• _Action item_
Your answer should consist of every line from the records that holds the string "sketch".

• _Records for processing_
::::::::
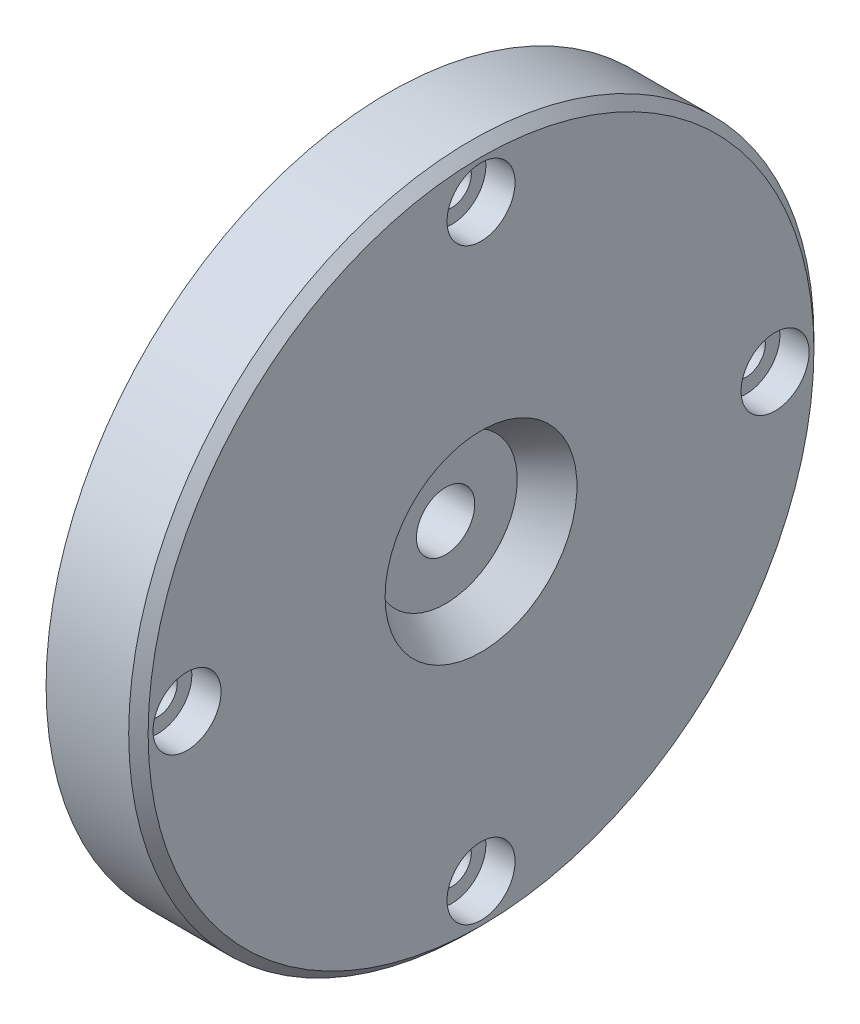
SolidWorks part; units mm, degrees
ref_plane "Front Plane" through (0, 0, 0) normal (0, 0, 1) x (1, 0, 0)
ref_plane "Top Plane" through (0, 0, 0) normal (0, 1, 0) x (1, 0, 0)
ref_plane "Right Plane" through (0, 0, 0) normal (1, 0, 0) x (0, 0, -1)
sketch "Sketch1" plane through (0, 0, 0) normal (0, 0, 1) x (1, 0, 0)
  line L0 (-75.3944, 0) -> (92.8892, 0) construction
  line L1 (-28.7415, 6) -> (-28.7415, 51.5)
  line L2 (-28.7415, 51.5) -> (-21.7415, 51.5)
  line L3 (-21.7415, 51.5) -> (-21.7415, 70.5)
  line L4 (-21.7415, 70.5) -> (-2.7415, 70.5)
  line L5 (-2.7415, 70.5) -> (-2.7415, 19.7459)
  line L6 (-2.7415, 19.7459) -> (-10.031, 14.7474)
  line L7 (-10.031, 14.7474) -> (-10.031, 6)
  line L8 (-10.031, 6) -> (-28.7415, 6)
  dimension "D1" = 70.5
  dimension "D2" = 51.5
  dimension "D3" = 6
  dimension "D4" = 26
  dimension "D5" = 19
revolve "Revolve1" add sketch "Sketch1" angle 360 about L0
chamfer "Chamfer1" distance 2 angle 45 1 edges at (-2.7415, 0, 70.5)
sketch "Sketch2" plane through (-2.7415, 0, 0) normal (1, 0, 0) x (0, 0, -1)
  circle A1 centre (0, -60.5) radius 4
  circle A2 centre (-60.5, 0) radius 4
  circle A3 centre (0, 60.5) radius 4
  circle A4 centre (60.5, 0) radius 4
  point P14 (0, 0)
  dimension "D2" = 8
  dimension "D3" = 4
extrude "Cut-Extrude1" cut sketch "Sketch2" against normal blind 49
sketch "Sketch3" plane through (-2.7415, 0, 0) normal (1, 0, 0) x (0, 0, -1)
  circle A0 centre (-60.5, 0) radius 7
  circle A1 centre (0, 60.5) radius 7
  circle A2 centre (60.5, 0) radius 7
  circle A3 centre (0, -60.5) radius 7
  dimension "D1" = 14
  dimension "D2" = 14
  dimension "D3" = 14
  dimension "D4" = 14
extrude "Cut-Extrude2" cut sketch "Sketch3" against normal blind 6
::::::::
• _Answer to the problem_
sketch "Sketch1" plane through (0, 0, 0) normal (0, 0, 1) x (1, 0, 0)
revolve "Revolve1" add sketch "Sketch1" angle 360 about L0
sketch "Sketch2" plane through (-2.7415, 0, 0) normal (1, 0, 0) x (0, 0, -1)
extrude "Cut-Extrude1" cut sketch "Sketch2" against normal blind 49
sketch "Sketch3" plane through (-2.7415, 0, 0) normal (1, 0, 0) x (0, 0, -1)
extrude "Cut-Extrude2" cut sketch "Sketch3" against normal blind 6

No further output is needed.